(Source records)
[Start of Attachment]

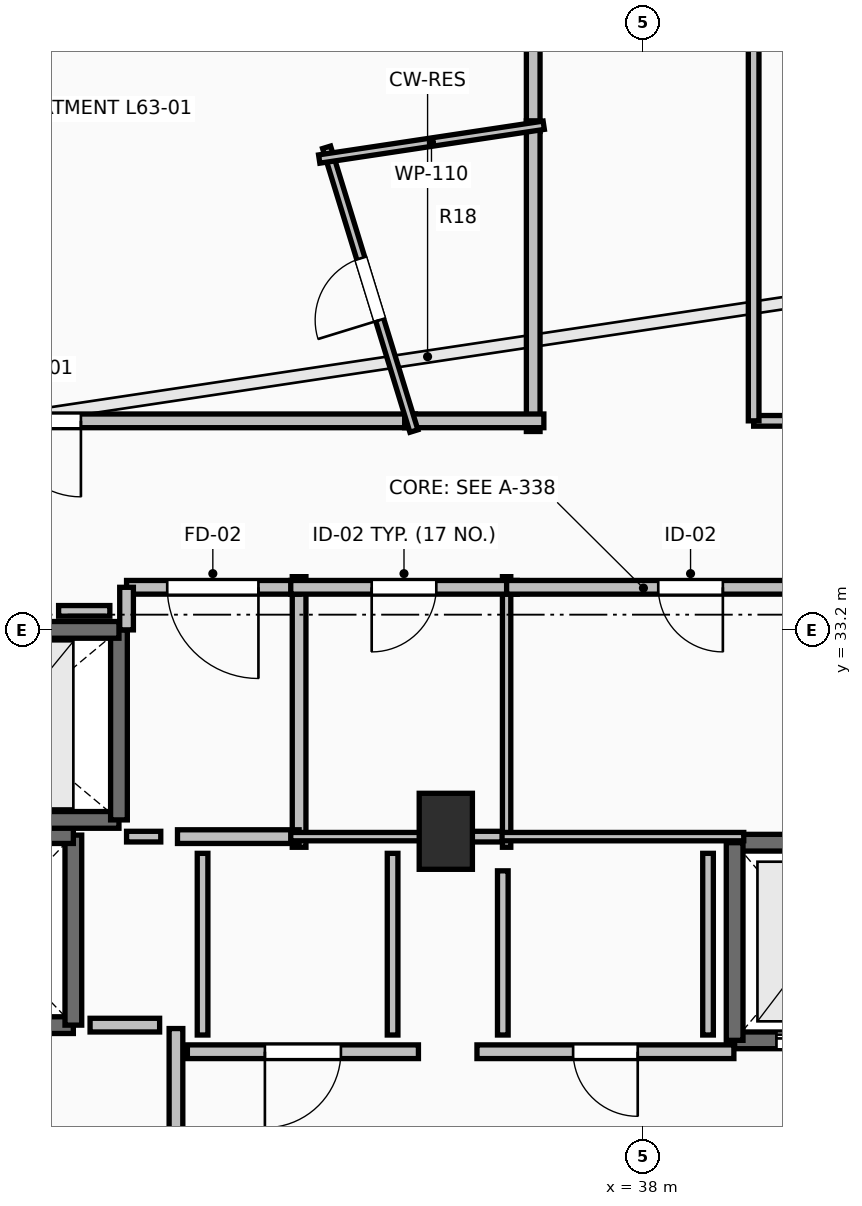
"""IFC4 building model, lengths in metres.
Left out: names, types, materials, properties, quantities, classifications, styles, units other than length and angle.
Written with IfcOpenShell. Run it as: python <this file> out.ifc"""

import sys

from ifc_helpers import new_model, si_unit, direction, frame, frame_2d, origin, origin_2d, place, context, subcontext, project, spatial, rectangle, extrude, element, fill, save


model = new_model("IFC4")
c1 = context("Model", 3, precision=1e-05, world=origin(), true_north=direction((0.0, 1.0)))
c2 = subcontext(c1, "Body", "Model", "MODEL_VIEW")
j1 = project(units=[si_unit("LENGTHUNIT", "METRE"), si_unit("PLANEANGLEUNIT", "RADIAN")], contexts=[c1])
p1 = place(None, origin())
s1 = spatial("IfcSite", under=j1, at=p1, CompositionType="ELEMENT")
p2 = place(p1, origin())
s2 = spatial("IfcBuilding", under=s1, at=p2, CompositionType="ELEMENT")
p3 = place(p2, frame((0.0, 0.0, 234.25)))
s3 = spatial("IfcBuildingStorey", under=s2, at=p3, CompositionType="ELEMENT", Elevation=234.25)
p4 = place(p3, frame((35.4, 30.55, 0.0), z_axis=(0.0, 0.0, 1.0), x_axis=(1.0, 0.0, 0.0)))
e1 = element("IfcColumn", 1, at=p4, inside=s3, PredefinedType="PILASTER", context=c2, shape_type="SweptSolid", body=[
    extrude(rectangle(XDim=0.7, YDim=1.0, at=origin_2d()), origin(), (0.0, 0.0, 1.0), 3.55),
])
p5 = place(p3, frame((39.2, 27.8, 0.0), z_axis=(0.0, 0.0, 1.0), x_axis=(1.0, 0.0, 0.0)))
e2 = element("IfcWall", 2, at=p5, inside=s3, PredefinedType="SOLIDWALL", context=c2, shape_type="SweptSolid", body=[
    extrude(rectangle(XDim=2.2, YDim=0.22, at=frame_2d((1.1, 0.0))), origin(), (0.0, 0.0, 1.0), 3.29),
])
p6 = place(p5, frame((0.55, 0.0, 0.0)))
e3 = element("IfcOpeningElement", 3, at=p6, cuts=e2, PredefinedType="OPENING", context=c2, shape_type="SweptSolid", body=[
    extrude(rectangle(XDim=1.1, YDim=2.2, at=frame_2d((0.55, 1.1))), frame((0.0, 0.125, 0.0), z_axis=(0.0, -1.0, 0.0), x_axis=(1.0, 0.0, 0.0)), (0.0, 0.0, 1.0), 0.25),
])
p7 = place(p3, frame((41.4, 30.4, 0.0), z_axis=(0.0, 0.0, 1.0), x_axis=(-1.0, 0.0, 0.0)))
e4 = element("IfcWall", 4, at=p7, inside=s3, PredefinedType="SOLIDWALL", context=c2, shape_type="SweptSolid", body=[
    extrude(rectangle(XDim=2.2, YDim=0.22, at=frame_2d((1.1, 0.0))), origin(), (0.0, 0.0, 1.0), 3.29),
])
p8 = place(p3, frame((39.2, 30.4, 0.0), z_axis=(0.0, 0.0, 1.0), x_axis=(0.0, -1.0, 0.0)))
e5 = element("IfcWall", 5, at=p8, inside=s3, PredefinedType="SOLIDWALL", context=c2, shape_type="SweptSolid", body=[
    extrude(rectangle(XDim=2.6, YDim=0.22, at=frame_2d((1.3, 0.0))), origin(), (0.0, 0.0, 1.0), 3.29),
])
p9 = place(p3, frame((28.1, 28.0, 0.0), z_axis=(0.0, 0.0, 1.0), x_axis=(1.0, 0.0, 0.0)))
e6 = element("IfcWall", 6, at=p9, inside=s3, PredefinedType="SHEAR", context=c2, shape_type="SweptSolid", body=[
    extrude(rectangle(XDim=2.4, YDim=0.22, at=frame_2d((1.2, 0.0))), origin(), (0.0, 0.0, 1.0), 3.29),
])
p10 = place(p9, frame((0.6, 0.0, 0.0)))
e7 = element("IfcOpeningElement", 7, at=p10, cuts=e6, PredefinedType="OPENING", context=c2, shape_type="SweptSolid", body=[
    extrude(rectangle(XDim=1.2, YDim=2.2, at=frame_2d((0.6, 1.1))), frame((0.0, 0.125, 0.0), z_axis=(0.0, -1.0, 0.0), x_axis=(1.0, 0.0, 0.0)), (0.0, 0.0, 1.0), 0.25),
])
p11 = place(p3, frame((30.5, 28.0, 0.0), z_axis=(0.0, 0.0, 1.0), x_axis=(0.0, 1.0, 0.0)))
e8 = element("IfcWall", 8, at=p11, inside=s3, PredefinedType="SHEAR", context=c2, shape_type="SweptSolid", body=[
    extrude(rectangle(XDim=2.5, YDim=0.22, at=frame_2d((1.25, 0.0))), origin(), (0.0, 0.0, 1.0), 3.29),
])
p12 = place(p3, frame((30.5, 30.5, 0.0), z_axis=(0.0, 0.0, 1.0), x_axis=(-1.0, 0.0, 0.0)))
e9 = element("IfcWall", 9, at=p12, inside=s3, PredefinedType="SHEAR", context=c2, shape_type="SweptSolid", body=[
    extrude(rectangle(XDim=2.4, YDim=0.22, at=frame_2d((1.2, 0.0))), origin(), (0.0, 0.0, 1.0), 3.29),
])
p13 = place(p3, frame((28.1, 30.7, 0.0), z_axis=(0.0, 0.0, 1.0), x_axis=(1.0, 0.0, 0.0)))
e10 = element("IfcWall", 10, at=p13, inside=s3, PredefinedType="SOLIDWALL", context=c2, shape_type="SweptSolid", body=[
    extrude(rectangle(XDim=3.0, YDim=0.22, at=frame_2d((1.5, 0.0))), origin(), (0.0, 0.0, 1.0), 3.29),
])
p14 = place(p3, frame((31.1, 30.7, 0.0), z_axis=(0.0, 0.0, 1.0), x_axis=(0.0, 1.0, 0.0)))
e11 = element("IfcWall", 11, at=p14, inside=s3, PredefinedType="SOLIDWALL", context=c2, shape_type="SweptSolid", body=[
    extrude(rectangle(XDim=2.5, YDim=0.22, at=frame_2d((1.25, 0.0))), origin(), (0.0, 0.0, 1.0), 3.29),
])
p15 = place(p3, frame((31.1, 33.2, 0.0), z_axis=(0.0, 0.0, 1.0), x_axis=(-1.0, 0.0, 0.0)))
e12 = element("IfcWall", 12, at=p15, inside=s3, PredefinedType="SOLIDWALL", context=c2, shape_type="SweptSolid", body=[
    extrude(rectangle(XDim=3.0, YDim=0.22, at=frame_2d((1.5, 0.0))), origin(), (0.0, 0.0, 1.0), 3.29),
])
p16 = place(p15, frame((0.9, 0.0, 0.0)))
e13 = element("IfcOpeningElement", 13, at=p16, cuts=e12, PredefinedType="OPENING", context=c2, shape_type="SweptSolid", body=[
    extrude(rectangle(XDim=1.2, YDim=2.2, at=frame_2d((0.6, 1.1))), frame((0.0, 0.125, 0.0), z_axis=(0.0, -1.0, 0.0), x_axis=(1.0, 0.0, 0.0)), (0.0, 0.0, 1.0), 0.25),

[End of Attachment]

§ TASK TO CARRY OUT
All lines above with "import" in them should be returned.

§ SOLUTION TO THIS PROBLEM
import sys
from ifc_helpers import new_model, si_unit, direction, frame, frame_2d, origin, origin_2d, place, context, subcontext, project, spatial, rectangle, extrude, element, fill, save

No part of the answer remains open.